***** Data to examine
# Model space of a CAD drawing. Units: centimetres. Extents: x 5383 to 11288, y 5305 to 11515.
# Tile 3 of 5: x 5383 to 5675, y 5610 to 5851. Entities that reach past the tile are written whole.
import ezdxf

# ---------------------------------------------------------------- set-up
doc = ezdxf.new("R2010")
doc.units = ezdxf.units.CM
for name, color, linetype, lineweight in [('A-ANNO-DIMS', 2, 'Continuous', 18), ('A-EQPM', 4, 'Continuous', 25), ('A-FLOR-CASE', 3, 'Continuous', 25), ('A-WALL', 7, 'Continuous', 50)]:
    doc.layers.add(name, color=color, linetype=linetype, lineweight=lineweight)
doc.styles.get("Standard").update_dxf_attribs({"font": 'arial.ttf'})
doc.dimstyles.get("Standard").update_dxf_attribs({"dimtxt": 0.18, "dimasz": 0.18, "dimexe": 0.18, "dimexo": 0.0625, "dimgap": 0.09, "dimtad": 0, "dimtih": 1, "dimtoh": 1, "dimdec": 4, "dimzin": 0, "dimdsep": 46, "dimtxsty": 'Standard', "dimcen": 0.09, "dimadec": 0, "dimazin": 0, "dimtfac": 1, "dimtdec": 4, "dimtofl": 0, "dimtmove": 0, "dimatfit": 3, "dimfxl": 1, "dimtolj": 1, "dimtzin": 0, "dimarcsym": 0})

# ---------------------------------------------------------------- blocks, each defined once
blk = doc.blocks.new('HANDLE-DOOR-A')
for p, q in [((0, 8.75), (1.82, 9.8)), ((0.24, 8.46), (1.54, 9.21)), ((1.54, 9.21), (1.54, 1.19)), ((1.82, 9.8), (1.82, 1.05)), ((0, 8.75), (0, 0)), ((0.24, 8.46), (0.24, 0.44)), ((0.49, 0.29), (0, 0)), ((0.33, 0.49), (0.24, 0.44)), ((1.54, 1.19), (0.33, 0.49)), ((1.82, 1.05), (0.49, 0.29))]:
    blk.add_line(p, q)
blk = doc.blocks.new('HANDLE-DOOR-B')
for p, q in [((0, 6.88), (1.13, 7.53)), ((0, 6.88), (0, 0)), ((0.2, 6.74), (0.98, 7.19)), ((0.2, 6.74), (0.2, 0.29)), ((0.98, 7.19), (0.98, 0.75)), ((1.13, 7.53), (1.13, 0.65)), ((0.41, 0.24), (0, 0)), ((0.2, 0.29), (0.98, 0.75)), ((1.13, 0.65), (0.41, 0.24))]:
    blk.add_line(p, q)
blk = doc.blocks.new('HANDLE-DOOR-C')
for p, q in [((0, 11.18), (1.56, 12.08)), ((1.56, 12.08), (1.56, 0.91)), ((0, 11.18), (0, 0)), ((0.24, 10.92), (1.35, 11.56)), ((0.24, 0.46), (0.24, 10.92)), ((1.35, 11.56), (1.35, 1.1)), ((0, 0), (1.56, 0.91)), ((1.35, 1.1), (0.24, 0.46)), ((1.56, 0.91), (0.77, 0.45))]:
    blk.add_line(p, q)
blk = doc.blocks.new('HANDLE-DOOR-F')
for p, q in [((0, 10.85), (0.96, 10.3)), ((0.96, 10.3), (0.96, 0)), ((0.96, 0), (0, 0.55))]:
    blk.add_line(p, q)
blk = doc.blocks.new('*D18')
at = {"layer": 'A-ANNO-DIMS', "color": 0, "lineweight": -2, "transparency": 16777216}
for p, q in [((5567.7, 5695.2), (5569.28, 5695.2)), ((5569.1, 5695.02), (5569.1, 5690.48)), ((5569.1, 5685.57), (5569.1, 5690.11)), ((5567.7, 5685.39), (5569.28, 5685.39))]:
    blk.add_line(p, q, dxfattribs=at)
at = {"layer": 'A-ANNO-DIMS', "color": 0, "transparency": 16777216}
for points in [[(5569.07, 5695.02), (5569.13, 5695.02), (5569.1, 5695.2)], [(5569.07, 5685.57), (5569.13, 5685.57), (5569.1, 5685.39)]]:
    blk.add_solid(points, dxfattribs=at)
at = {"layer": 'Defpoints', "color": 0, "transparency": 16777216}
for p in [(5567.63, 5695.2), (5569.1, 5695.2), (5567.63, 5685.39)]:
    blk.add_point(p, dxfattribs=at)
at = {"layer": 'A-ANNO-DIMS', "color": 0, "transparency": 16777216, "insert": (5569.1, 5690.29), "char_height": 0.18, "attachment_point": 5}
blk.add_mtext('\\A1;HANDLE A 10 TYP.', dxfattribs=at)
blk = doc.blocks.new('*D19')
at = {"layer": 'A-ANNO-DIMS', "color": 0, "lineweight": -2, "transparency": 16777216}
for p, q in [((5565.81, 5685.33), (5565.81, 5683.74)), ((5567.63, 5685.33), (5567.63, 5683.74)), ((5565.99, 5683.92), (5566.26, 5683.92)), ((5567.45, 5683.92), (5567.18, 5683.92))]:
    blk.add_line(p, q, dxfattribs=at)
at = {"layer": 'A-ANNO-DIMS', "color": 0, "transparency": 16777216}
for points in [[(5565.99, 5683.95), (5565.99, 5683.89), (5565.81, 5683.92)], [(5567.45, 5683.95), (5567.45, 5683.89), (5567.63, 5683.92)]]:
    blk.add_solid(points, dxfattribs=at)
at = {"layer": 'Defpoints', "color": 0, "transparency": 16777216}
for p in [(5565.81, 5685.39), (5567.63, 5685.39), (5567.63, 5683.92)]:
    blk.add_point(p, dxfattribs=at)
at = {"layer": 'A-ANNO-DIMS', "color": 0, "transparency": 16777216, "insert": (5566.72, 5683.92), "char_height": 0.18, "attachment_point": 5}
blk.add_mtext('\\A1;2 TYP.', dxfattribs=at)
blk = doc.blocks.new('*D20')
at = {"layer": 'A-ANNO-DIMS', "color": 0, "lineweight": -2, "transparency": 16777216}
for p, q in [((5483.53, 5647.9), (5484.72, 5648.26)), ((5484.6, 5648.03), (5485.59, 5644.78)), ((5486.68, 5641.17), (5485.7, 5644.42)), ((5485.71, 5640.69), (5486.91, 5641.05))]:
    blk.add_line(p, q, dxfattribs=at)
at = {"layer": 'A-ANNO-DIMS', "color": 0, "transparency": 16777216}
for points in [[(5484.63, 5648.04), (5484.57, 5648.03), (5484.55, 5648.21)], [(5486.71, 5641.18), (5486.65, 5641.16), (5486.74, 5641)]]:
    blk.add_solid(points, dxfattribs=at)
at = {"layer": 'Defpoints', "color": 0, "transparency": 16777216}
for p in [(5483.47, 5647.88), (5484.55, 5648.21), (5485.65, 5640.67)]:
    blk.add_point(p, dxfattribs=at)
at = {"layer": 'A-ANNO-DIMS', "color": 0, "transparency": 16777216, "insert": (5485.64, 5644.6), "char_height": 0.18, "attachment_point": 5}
**********
Required action: Copy out each line above, character for character.

Written solution:
# Model space of a CAD drawing. Units: centimetres. Extents: x 5383 to 11288, y 5305 to 11515.
# Tile 3 of 5: x 5383 to 5675, y 5610 to 5851. Entities that reach past the tile are written whole.
import ezdxf

# ---------------------------------------------------------------- set-up
doc = ezdxf.new("R2010")
doc.units = ezdxf.units.CM
for name, color, linetype, lineweight in [('A-ANNO-DIMS', 2, 'Continuous', 18), ('A-EQPM', 4, 'Continuous', 25), ('A-FLOR-CASE', 3, 'Continuous', 25), ('A-WALL', 7, 'Continuous', 50)]:
    doc.layers.add(name, color=color, linetype=linetype, lineweight=lineweight)
doc.styles.get("Standard").update_dxf_attribs({"font": 'arial.ttf'})
doc.dimstyles.get("Standard").update_dxf_attribs({"dimtxt": 0.18, "dimasz": 0.18, "dimexe": 0.18, "dimexo": 0.0625, "dimgap": 0.09, "dimtad": 0, "dimtih": 1, "dimtoh": 1, "dimdec": 4, "dimzin": 0, "dimdsep": 46, "dimtxsty": 'Standard', "dimcen": 0.09, "dimadec": 0, "dimazin": 0, "dimtfac": 1, "dimtdec": 4, "dimtofl": 0, "dimtmove": 0, "dimatfit": 3, "dimfxl": 1, "dimtolj": 1, "dimtzin": 0, "dimarcsym": 0})

# ---------------------------------------------------------------- blocks, each defined once
blk = doc.blocks.new('HANDLE-DOOR-A')
for p, q in [((0, 8.75), (1.82, 9.8)), ((0.24, 8.46), (1.54, 9.21)), ((1.54, 9.21), (1.54, 1.19)), ((1.82, 9.8), (1.82, 1.05)), ((0, 8.75), (0, 0)), ((0.24, 8.46), (0.24, 0.44)), ((0.49, 0.29), (0, 0)), ((0.33, 0.49), (0.24, 0.44)), ((1.54, 1.19), (0.33, 0.49)), ((1.82, 1.05), (0.49, 0.29))]:
    blk.add_line(p, q)
blk = doc.blocks.new('HANDLE-DOOR-B')
for p, q in [((0, 6.88), (1.13, 7.53)), ((0, 6.88), (0, 0)), ((0.2, 6.74), (0.98, 7.19)), ((0.2, 6.74), (0.2, 0.29)), ((0.98, 7.19), (0.98, 0.75)), ((1.13, 7.53), (1.13, 0.65)), ((0.41, 0.24), (0, 0)), ((0.2, 0.29), (0.98, 0.75)), ((1.13, 0.65), (0.41, 0.24))]:
    blk.add_line(p, q)
blk = doc.blocks.new('HANDLE-DOOR-C')
for p, q in [((0, 11.18), (1.56, 12.08)), ((1.56, 12.08), (1.56, 0.91)), ((0, 11.18), (0, 0)), ((0.24, 10.92), (1.35, 11.56)), ((0.24, 0.46), (0.24, 10.92)), ((1.35, 11.56), (1.35, 1.1)), ((0, 0), (1.56, 0.91)), ((1.35, 1.1), (0.24, 0.46)), ((1.56, 0.91), (0.77, 0.45))]:
    blk.add_line(p, q)
blk = doc.blocks.new('HANDLE-DOOR-F')
for p, q in [((0, 10.85), (0.96, 10.3)), ((0.96, 10.3), (0.96, 0)), ((0.96, 0), (0, 0.55))]:
    blk.add_line(p, q)
blk = doc.blocks.new('*D18')
at = {"layer": 'A-ANNO-DIMS', "color": 0, "lineweight": -2, "transparency": 16777216}
for p, q in [((5567.7, 5695.2), (5569.28, 5695.2)), ((5569.1, 5695.02), (5569.1, 5690.48)), ((5569.1, 5685.57), (5569.1, 5690.11)), ((5567.7, 5685.39), (5569.28, 5685.39))]:
    blk.add_line(p, q, dxfattribs=at)
at = {"layer": 'A-ANNO-DIMS', "color": 0, "transparency": 16777216}
for points in [[(5569.07, 5695.02), (5569.13, 5695.02), (5569.1, 5695.2)], [(5569.07, 5685.57), (5569.13, 5685.57), (5569.1, 5685.39)]]:
    blk.add_solid(points, dxfattribs=at)
at = {"layer": 'Defpoints', "color": 0, "transparency": 16777216}
for p in [(5567.63, 5695.2), (5569.1, 5695.2), (5567.63, 5685.39)]:
    blk.add_point(p, dxfattribs=at)
at = {"layer": 'A-ANNO-DIMS', "color": 0, "transparency": 16777216, "insert": (5569.1, 5690.29), "char_height": 0.18, "attachment_point": 5}
blk.add_mtext('\\A1;HANDLE A 10 TYP.', dxfattribs=at)
blk = doc.blocks.new('*D19')
at = {"layer": 'A-ANNO-DIMS', "color": 0, "lineweight": -2, "transparency": 16777216}
for p, q in [((5565.81, 5685.33), (5565.81, 5683.74)), ((5567.63, 5685.33), (5567.63, 5683.74)), ((5565.99, 5683.92), (5566.26, 5683.92)), ((5567.45, 5683.92), (5567.18, 5683.92))]:
    blk.add_line(p, q, dxfattribs=at)
at = {"layer": 'A-ANNO-DIMS', "color": 0, "transparency": 16777216}
for points in [[(5565.99, 5683.95), (5565.99, 5683.89), (5565.81, 5683.92)], [(5567.45, 5683.95), (5567.45, 5683.89), (5567.63, 5683.92)]]:
    blk.add_solid(points, dxfattribs=at)
at = {"layer": 'Defpoints', "color": 0, "transparency": 16777216}
for p in [(5565.81, 5685.39), (5567.63, 5685.39), (5567.63, 5683.92)]:
    blk.add_point(p, dxfattribs=at)
at = {"layer": 'A-ANNO-DIMS', "color": 0, "transparency": 16777216, "insert": (5566.72, 5683.92), "char_height": 0.18, "attachment_point": 5}
blk.add_mtext('\\A1;2 TYP.', dxfattribs=at)
blk = doc.blocks.new('*D20')
at = {"layer": 'A-ANNO-DIMS', "color": 0, "lineweight": -2, "transparency": 16777216}
for p, q in [((5483.53, 5647.9), (5484.72, 5648.26)), ((5484.6, 5648.03), (5485.59, 5644.78)), ((5486.68, 5641.17), (5485.7, 5644.42)), ((5485.71, 5640.69), (5486.91, 5641.05))]:
    blk.add_line(p, q, dxfattribs=at)
at = {"layer": 'A-ANNO-DIMS', "color": 0, "transparency": 16777216}
for points in [[(5484.63, 5648.04), (5484.57, 5648.03), (5484.55, 5648.21)], [(5486.71, 5641.18), (5486.65, 5641.16), (5486.74, 5641)]]:
    blk.add_solid(points, dxfattribs=at)
at = {"layer": 'Defpoints', "color": 0, "transparency": 16777216}
for p in [(5483.47, 5647.88), (5484.55, 5648.21), (5485.65, 5640.67)]:
    blk.add_point(p, dxfattribs=at)
at = {"layer": 'A-ANNO-DIMS', "color": 0, "transparency": 16777216, "insert": (5485.64, 5644.6), "char_height": 0.18, "attachment_point": 5}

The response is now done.